WHAT TO PRODUCE ::
Filter these entries down to the lines that hold the word "subcontext", and show each of them.

┄┄┄┄┄┄

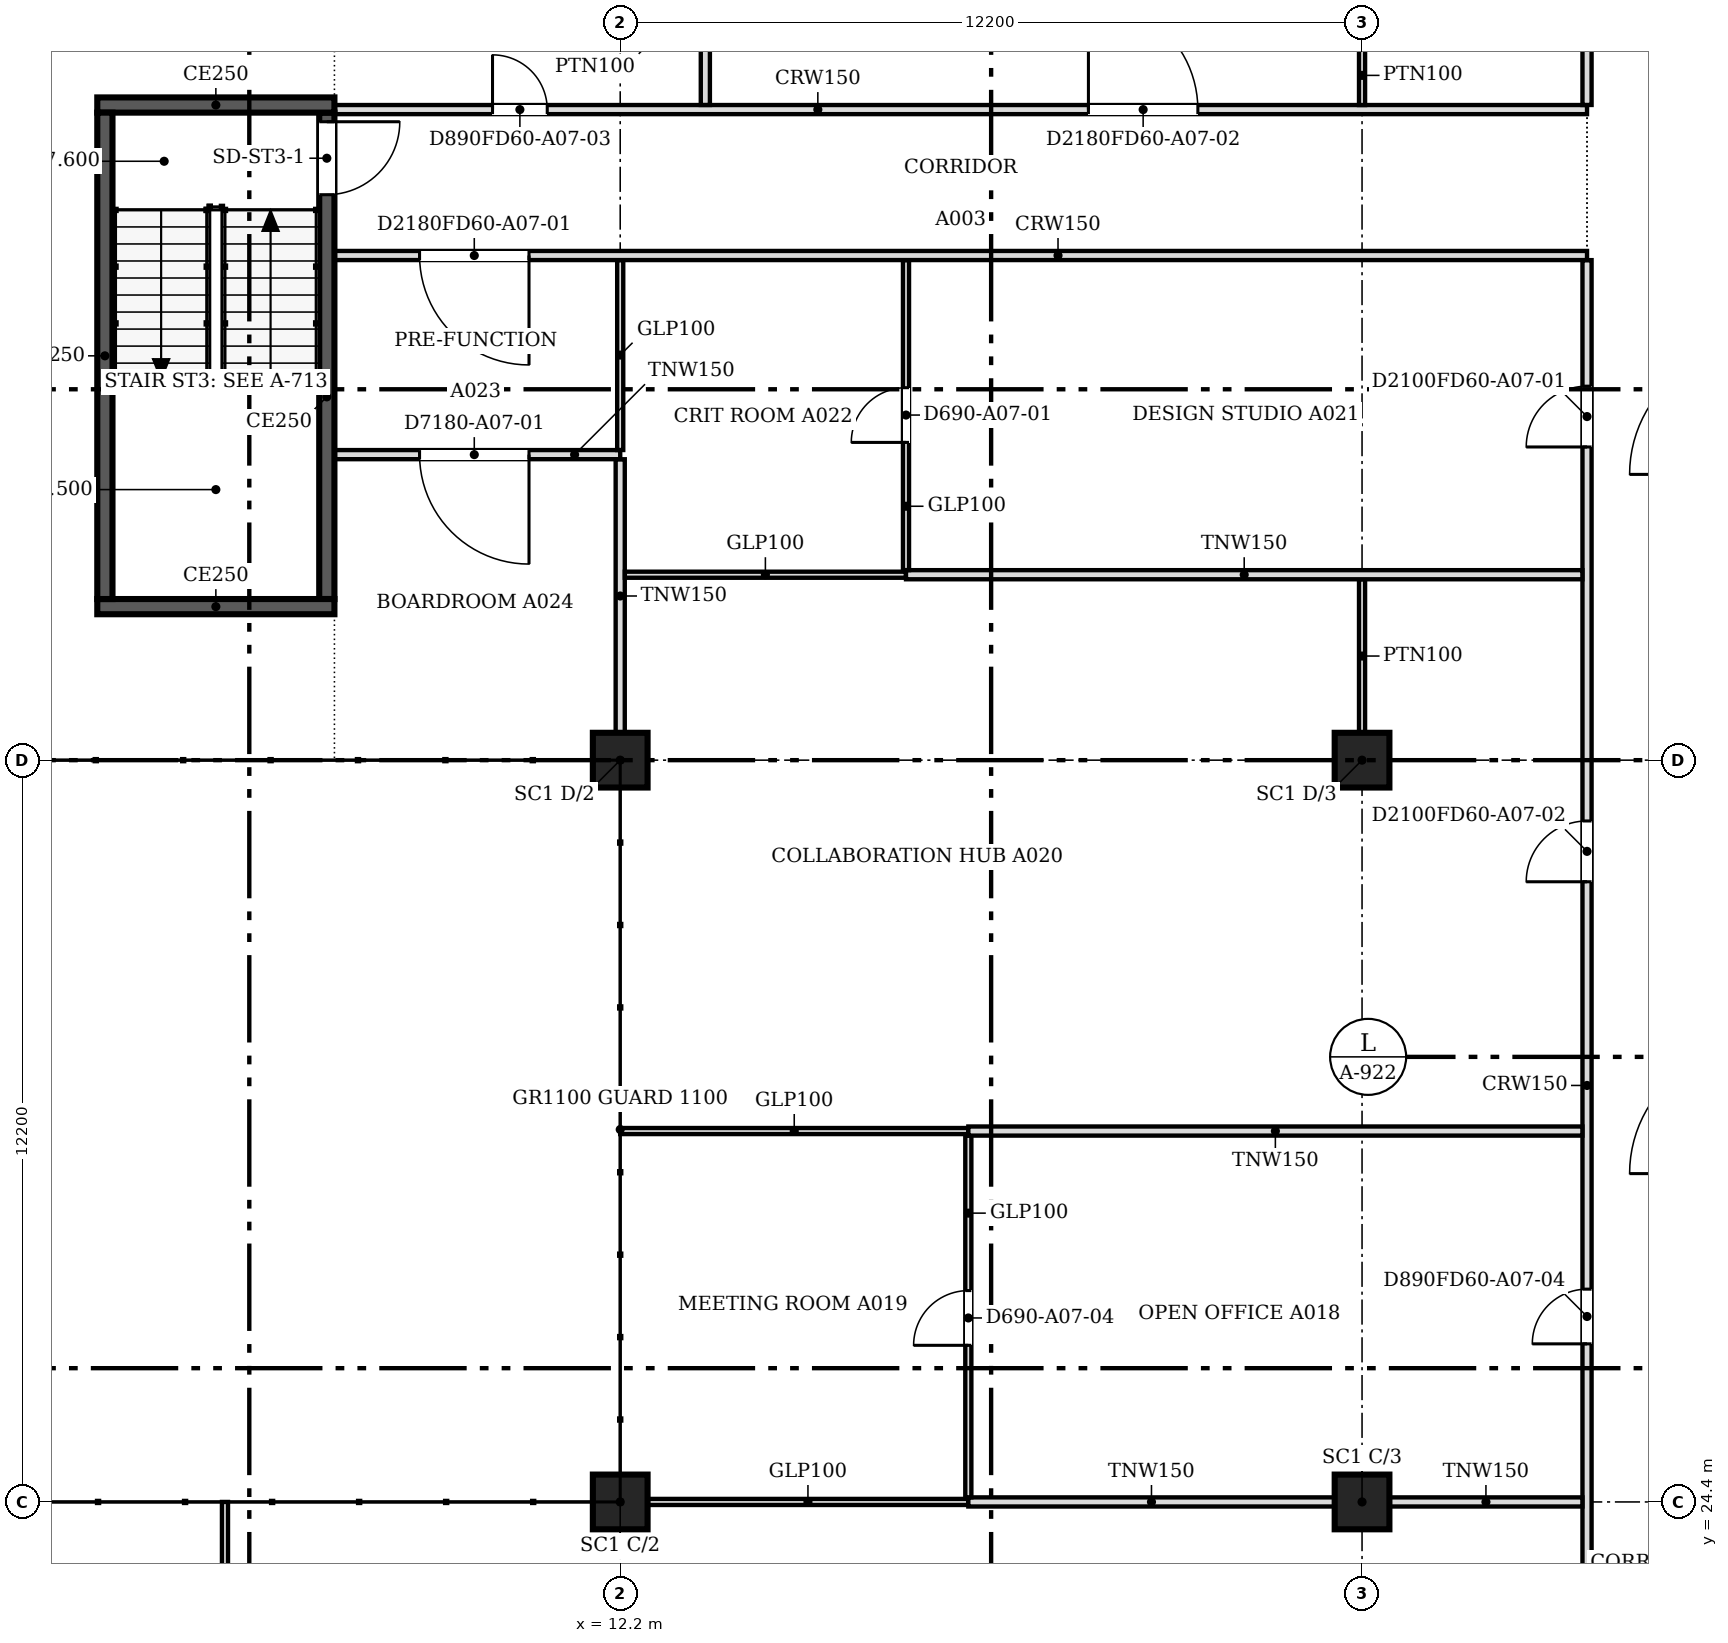
"""IFC4 building model, lengths in metres.
Left out: names, types, materials, properties, quantities, classifications, styles, units other than length and angle.
Written with IfcOpenShell. Run it as: python <this file> out.ifc"""

import sys

from ifc_helpers import new_model, si_unit, direction, frame, frame_2d, origin, origin_2d, place, context, subcontext, project, spatial, rectangle, extrude, source, transform, mapped, element, fill, save


model = new_model("IFC4")
c1 = context("Model", 3, precision=1e-05, world=origin(), true_north=direction((0.0, 1.0)))
c2 = subcontext(c1, "Body", "Model", "MODEL_VIEW")
j1 = project(units=[si_unit("LENGTHUNIT", "METRE"), si_unit("PLANEANGLEUNIT", "RADIAN")], contexts=[c1])
p1 = place(None, origin())
s1 = spatial("IfcSite", under=j1, at=p1, CompositionType="ELEMENT")
p2 = place(p1, origin())
s2 = spatial("IfcBuilding", under=s1, at=p2, CompositionType="ELEMENT")
p3 = place(p2, frame((0.0, 0.0, 80.0)))
s3 = spatial("IfcBuildingStorey", under=s2, at=p3, CompositionType="ELEMENT", Elevation=80.0)
for number, where, z_axis, x_axis in (
    (1, (12.2, 24.4, 0.0), (0.0, 0.0, 1.0), (1.0, 0.0, 0.0)),
    (2, (12.2, 36.6, 0.0), (0.0, 0.0, 1.0), (1.0, 0.0, 0.0)),
    (3, (24.4, 24.4, 0.0), (0.0, 0.0, 1.0), (1.0, 0.0, 0.0)),
    (4, (24.4, 36.6, 0.0), (0.0, 0.0, 1.0), (1.0, 0.0, 0.0)),
):
    element("IfcColumn", number, at=place(p3, frame(where, z_axis=z_axis, x_axis=x_axis)), inside=s3, PredefinedType="COLUMN", context=c2, shape_type="SweptSolid", body=[
        extrude(rectangle(XDim=0.9, YDim=0.9, at=origin_2d()), origin(), (0.0, 0.0, 1.0), 3.6),
    ])
p4 = place(p3, frame((7.5, 39.125, 0.0), z_axis=(0.0, 0.0, 1.0), x_axis=(-1.0, 0.0, 0.0)))
e5 = element("IfcWall", 5, at=p4, inside=s3, PredefinedType="SOLIDWALL", context=c2, shape_type="SweptSolid", body=[
    extrude(rectangle(XDim=3.9, YDim=0.25, at=frame_2d((1.95, 0.0))), origin(), (0.0, 0.0, 1.0), 3.8),
])
p5 = place(p3, frame((3.725, 39.25, 0.0), z_axis=(0.0, 0.0, 1.0), x_axis=(0.0, 1.0, 0.0)))
e6 = element("IfcWall", 6, at=p5, inside=s3, PredefinedType="SOLIDWALL", context=c2, shape_type="SweptSolid", body=[
    extrude(rectangle(XDim=8.0, YDim=0.25, at=frame_2d((4.0, 0.0))), origin(), (0.0, 0.0, 1.0), 3.8),
])
p6 = place(p3, frame((3.6, 47.375, 0.0), z_axis=(0.0, 0.0, 1.0), x_axis=(1.0, 0.0, 0.0)))
e7 = element("IfcWall", 7, at=p6, inside=s3, PredefinedType="SOLIDWALL", context=c2, shape_type="SweptSolid", body=[
    extrude(rectangle(XDim=3.9, YDim=0.25, at=frame_2d((1.95, 0.0))), origin(), (0.0, 0.0, 1.0), 3.8),
])
p7 = place(p3, frame((7.375, 47.25, 0.0), z_axis=(0.0, 0.0, 1.0), x_axis=(0.0, -1.0, 0.0)))
e8 = element("IfcWall", 8, at=p7, inside=s3, PredefinedType="SOLIDWALL", context=c2, shape_type="SweptSolid", body=[
    extrude(rectangle(XDim=8.0, YDim=0.25, at=frame_2d((4.0, 0.0))), origin(), (0.0, 0.0, 1.0), 3.8),
])
m1 = source(origin(), c2, "Body", "SweptSolid", [
    extrude(rectangle(XDim=1.2, YDim=2.1, at=frame_2d((0.6, 1.05))), frame((0.0, 0.135, 0.0), z_axis=(0.0, -1.0, 0.0), x_axis=(1.0, 0.0, 0.0)), (0.0, 0.0, 1.0), 0.27),
])
p8 = place(p7, frame((0.15, 0.0, 0.0)))
e9 = element("IfcOpeningElement", 9, at=p8, cuts=e8, PredefinedType="OPENING", context=c2, shape_type="MappedRepresentation", body=[
    mapped(m1, transform((0.0, 0.0, 0.0), scale=1.0)),
])
p9 = place(p3, frame((28.1, 18.8, 0.0), z_axis=(0.0, 0.0, 1.0), x_axis=(0.0, 1.0, 0.0)))
e10 = element("IfcWall", 10, at=p9, inside=s3, PredefinedType="PARTITIONING", context=c2, shape_type="SweptSolid", body=[
    extrude(rectangle(XDim=26.024, YDim=0.15, at=frame_2d((13.012, 0.0))), origin(), (0.0, 0.0, 1.0), 3.067),
])
m2 = source(origin(), c2, "Body", "SweptSolid", [
    extrude(rectangle(XDim=0.9, YDim=2.1, at=frame_2d((0.45, 1.05))), frame((0.0, 0.085, 0.0), z_axis=(0.0, -1.0, 0.0), x_axis=(1.0, 0.0, 0.0)), (0.0, 0.0, 1.0), 0.17),
])
p10 = place(p9, frame((1.1, 0.0, 0.0)))
e11 = element("IfcOpeningElement", 11, at=p10, cuts=e10, PredefinedType="OPENING", context=c2, shape_type="MappedRepresentation", body=[
    mapped(m2, transform((0.0, 0.0, 0.0), scale=1.0)),
])
m3 = source(origin(), c2, "Body", "SweptSolid", [
    extrude(rectangle(XDim=1.0, YDim=2.1, at=frame_2d((0.5, 1.05))), frame((0.0, 0.085, 0.0), z_axis=(0.0, -1.0, 0.0), x_axis=(1.0, 0.0, 0.0)), (0.0, 0.0, 1.0), 0.17),
])
p11 = place(p9, frame((22.951, 0.0, 0.0)))
e12 = element("IfcOpeningElement", 12, at=p11, cuts=e10, PredefinedType="OPENING", context=c2, shape_type="MappedRepresentation", body=[
    mapped(m3, transform((0.0, 0.0, 0.0), scale=1.0)),
])
p12 = place(p9, frame((8.2, 0.0, 0.0)))
e13 = element("IfcOpeningElement", 13, at=p12, cuts=e10, PredefinedType="OPENING", context=c2, shape_type="MappedRepresentation", body=[
    mapped(m2, transform((0.0, 0.0, 0.0), scale=1.0)),
])
p13 = place(p9, frame((15.8, 0.0, 0.0)))
e14 = element("IfcOpeningElement", 14, at=p13, cuts=e10, PredefinedType="OPENING", context=c2, shape_type="MappedRepresentation", body=[
    mapped(m3, transform((0.0, 0.0, 0.0), scale=1.0)),
])
p14 = place(p3, frame((5.7, 18.99, 0.0), z_axis=(0.0, 0.0, 1.0), x_axis=(0.0, 1.0, 0.0)))
e15 = element("IfcWall", 15, at=p14, inside=s3, PredefinedType="PARTITIONING", context=c2, shape_type="SweptSolid", body=[
    extrude(rectangle(XDim=5.41, YDim=0.1, at=frame_2d((2.705, 0.0))), origin(), (0.0, 0.0, 1.0), 3.067),
])
m4 = source(origin(), c2, "Body", "SweptSolid", [
    extrude(rectangle(XDim=0.9, YDim=2.1, at=frame_2d((0.45, 1.05))), frame((0.0, 0.06, 0.0), z_axis=(0.0, -1.0, 0.0), x_axis=(1.0, 0.0, 0.0)), (0.0, 0.0, 1.0), 0.12),
])
p15 = place(p14, frame((2.3, 0.0, 0.0)))
e16 = element("IfcOpeningElement", 16, at=p15, cuts=e15, PredefinedType="OPENING", context=c2, shape_type="MappedRepresentation", body=[
    mapped(m4, transform((0.0, 0.0, 0.0), scale=1.0)),
])
p16 = place(p3, frame((12.651, 24.4, 0.0), z_axis=(0.0, 0.0, 1.0), x_axis=(1.0, 0.0, 0.0)))
e17 = element("IfcWall", 17, at=p16, inside=s3, PredefinedType="PARTITIONING", context=c2, shape_type="SweptSolid", body=[
    extrude(rectangle(XDim=5.273, YDim=0.1, at=frame_2d((2.637, 0.0))), origin(), (0.0, 0.0, 1.0), 3.067),
])
p17 = place(p3, frame((17.925, 24.4, 0.0), z_axis=(0.0, 0.0, 1.0), x_axis=(1.0, 0.0, 0.0)))
e18 = element("IfcWall", 18, at=p17, inside=s3, PredefinedType="PARTITIONING", context=c2, shape_type="SweptSolid", body=[
    extrude(rectangle(XDim=6.024, YDim=0.15, at=frame_2d((3.012, 0.0))), origin(), (0.0, 0.0, 1.0), 3.067),
])
p18 = place(p3, frame((24.851, 24.4, 0.0), z_axis=(0.0, 0.0, 1.0), x_axis=(1.0, 0.0, 0.0)))
e19 = element("IfcWall", 19, at=p18, inside=s3, PredefinedType="PARTITIONING", context=c2, shape_type="SweptSolid", body=[
    extrude(rectangle(XDim=3.173, YDim=0.15, at=frame_2d((1.586, 0.0))), origin(), (0.0, 0.0, 1.0), 3.067),
])
p19 = place(p3, frame((17.925, 24.476, 0.0), z_axis=(0.0, 0.0, 1.0), x_axis=(0.0, 1.0, 0.0)))
e20 = element("IfcWall", 20, at=p19, inside=s3, PredefinedType="PARTITIONING", context=c2, shape_type="SweptSolid", body=[
    extrude(rectangle(XDim=5.948, YDim=0.1, at=frame_2d((2.974, 0.0))), origin(), (0.0, 0.0, 1.0), 3.067),
])
p20 = place(p19, frame((2.5, 0.0, 0.0)))
e21 = element("IfcOpeningElement", 21, at=p20, cuts=e20, PredefinedType="OPENING", context=c2, shape_type="MappedRepresentation", body=[
    mapped(m4, transform((0.0, 0.0, 0.0), scale=1.0)),
])
p21 = place(p3, frame((12.2, 30.5, 0.0), z_axis=(0.0, 0.0, 1.0), x_axis=(1.0, 0.0, 0.0)))
e22 = element("IfcWall", 22, at=p21, inside=s3, PredefinedType="PARTITIONING", context=c2, shape_type="SweptSolid", body=[
    extrude(rectangle(XDim=5.724, YDim=0.1, at=frame_2d((2.862, 0.0))), origin(), (0.0, 0.0, 1.0), 3.067),
])
p22 = place(p3, frame((17.925, 30.5, 0.0), z_axis=(0.0, 0.0, 1.0), x_axis=(1.0, 0.0, 0.0)))
e23 = element("IfcWall", 23, at=p22, inside=s3, PredefinedType="PARTITIONING", context=c2, shape_type="SweptSolid", body=[
    extrude(rectangle(XDim=10.099, YDim=0.15, at=frame_2d((5.049, 0.0))), origin(), (0.0, 0.0, 1.0), 3.067),
])
p23 = place(p3, frame((12.2, 37.051, 0.0), z_axis=(0.0, 0.0, 1.0), x_axis=(0.0, 1.0, 0.0)))
e24 = element("IfcWall", 24, at=p23, inside=s3, PredefinedType="PARTITIONING", context=c2, shape_type="SweptSolid", body=[
    extrude(rectangle(XDim=4.498, YDim=0.15, at=frame_2d((2.249, 0.0))), origin(), (0.0, 0.0, 1.0), 3.067),
])
p24 = place(p3, frame((24.4, 37.05, 0.0), z_axis=(0.0, 0.0, 1.0), x_axis=(0.0, 1.0, 0.0)))
e25 = element("IfcWall", 25, at=p24, inside=s3, PredefinedType="PARTITIONING", context=c2, shape_type="SweptSolid", body=[
    extrude(rectangle(XDim=2.525, YDim=0.1, at=frame_2d((1.262, 0.0))), origin(), (0.0, 0.0, 1.0), 3.067),
])
p25 = place(p3, frame((12.276, 39.65, 0.0), z_axis=(0.0, 0.0, 1.0), x_axis=(1.0, 0.0, 0.0)))
e26 = element("IfcWall", 26, at=p25, inside=s3, PredefinedType="PARTITIONING", context=c2, shape_type="SweptSolid", body=[
    extrude(rectangle(XDim=4.623, YDim=0.1, at=frame_2d((2.312, 0.0))), origin(), (0.0, 0.0, 1.0), 3.067),
])
p26 = place(p3, frame((16.9, 39.65, 0.0), z_axis=(0.0, 0.0, 1.0), x_axis=(1.0, 0.0, 0.0)))
e27 = element("IfcWall", 27, at=p26, inside=s3, PredefinedType="PARTITIONING", context=c2, shape_type="SweptSolid", body=[
    extrude(rectangle(XDim=11.124, YDim=0.15, at=frame_2d((5.562, 0.0))), origin(), (0.0, 0.0, 1.0), 3.067),
])
p27 = place(p3, frame((16.9, 39.726, 0.0), z_axis=(0.0, 0.0, 1.0), x_axis=(0.0, 1.0, 0.0)))
e28 = element("IfcWall", 28, at=p27, inside=s3, PredefinedType="PARTITIONING", context=c2, shape_type="SweptSolid", body=[
    extrude(rectangle(XDim=5.098, YDim=0.1, at=frame_2d((2.549, 0.0))), origin(), (0.0, 0.0, 1.0), 3.067),
])
p28 = place(p27, frame((2.1, 0.0, 0.0)))
e29 = element("IfcOpeningElement", 29, at=p28, cuts=e28, PredefinedType="OPENING", context=c2, shape_type="MappedRepresentation", body=[
    mapped(m4, transform((0.0, 0.0, 0.0), scale=1.0)),
])
p29 = place(p3, frame((12.2, 41.625, 0.0), z_axis=(0.0, 0.0, 1.0), x_axis=(-1.0, 0.0, 0.0)))
e30 = element("IfcWall", 30, at=p29, inside=s3, PredefinedType="PARTITIONING", context=c2, shape_type="SweptSolid", body=[
    extrude(rectangle(XDim=4.7, YDim=0.15, at=frame_2d((2.35, 0.0))), origin(), (0.0, 0.0, 1.0), 3.067),
])
m5 = source(origin(), c2, "Body", "SweptSolid", [
    extrude(rectangle(XDim=1.8, YDim=2.1, at=frame_2d((0.9, 1.05))), frame((0.0, 0.085, 0.0), z_axis=(0.0, -1.0, 0.0), x_axis=(1.0, 0.0, 0.0)), (0.0, 0.0, 1.0), 0.17),
])
p30 = place(p29, frame((1.5, 0.0, 0.0)))
e31 = element("IfcOpeningElement", 31, at=p30, cuts=e30, PredefinedType="OPENING", context=c2, shape_type="MappedRepresentation", body=[
    mapped(m5, transform((0.0, 0.0, 0.0), scale=1.0)),
])
p31 = place(p3, frame((12.2, 41.701, 0.0), z_axis=(0.0, 0.0, 1.0), x_axis=(0.0, 1.0, 0.0)))
e32 = element("IfcWall", 32, at=p31, inside=s3, PredefinedType="PARTITIONING", context=c2, shape_type="SweptSolid", body=[
    extrude(rectangle(XDim=3.123, YDim=0.1, at=frame_2d((1.562, 0.0))), origin(), (0.0, 0.0, 1.0), 3.067),
])
p32 = place(p3, frame((28.1, 44.9, 0.0), z_axis=(0.0, 0.0, 1.0), x_axis=(-1.0, 0.0, 0.0)))
e33 = element("IfcWall", 33, at=p32, inside=s3, PredefinedType="PARTITIONING", context=c2, shape_type="SweptSolid", body=[
    extrude(rectangle(XDim=20.6, YDim=0.15, at=frame_2d((10.3, 0.0))), origin(), (0.0, 0.0, 1.0), 3.067),
])
p33 = place(p32, frame((17.4, 0.0, 0.0)))
e34 = element("IfcOpeningElement", 34, at=p33, cuts=e33, PredefinedType="OPENING", context=c2, shape_type="MappedRepresentation", body=[
    mapped(m5, transform((0.0, 0.0, 0.0), scale=1.0)),
])
p34 = place(p3, frame((7.5, 47.3, 0.0), z_axis=(0.0, 0.0, 1.0), x_axis=(1.0, 0.0, 0.0)))
e35 = element("IfcWall", 35, at=p34, inside=s3, PredefinedType="PARTITIONING", context=c2, shape_type="SweptSolid", body=[
    extrude(rectangle(XDim=20.6, YDim=0.15, at=frame_2d((10.3, 0.0))), origin(), (0.0, 0.0, 1.0), 3.067),
])
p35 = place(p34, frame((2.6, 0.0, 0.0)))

┄┄┄┄┄┄

REPLY ::
from ifc_helpers import new_model, si_unit, direction, frame, frame_2d, origin, origin_2d, place, context, subcontext, project, spatial, rectangle, extrude, source, transform, mapped, element, fill, save
c2 = subcontext(c1, "Body", "Model", "MODEL_VIEW")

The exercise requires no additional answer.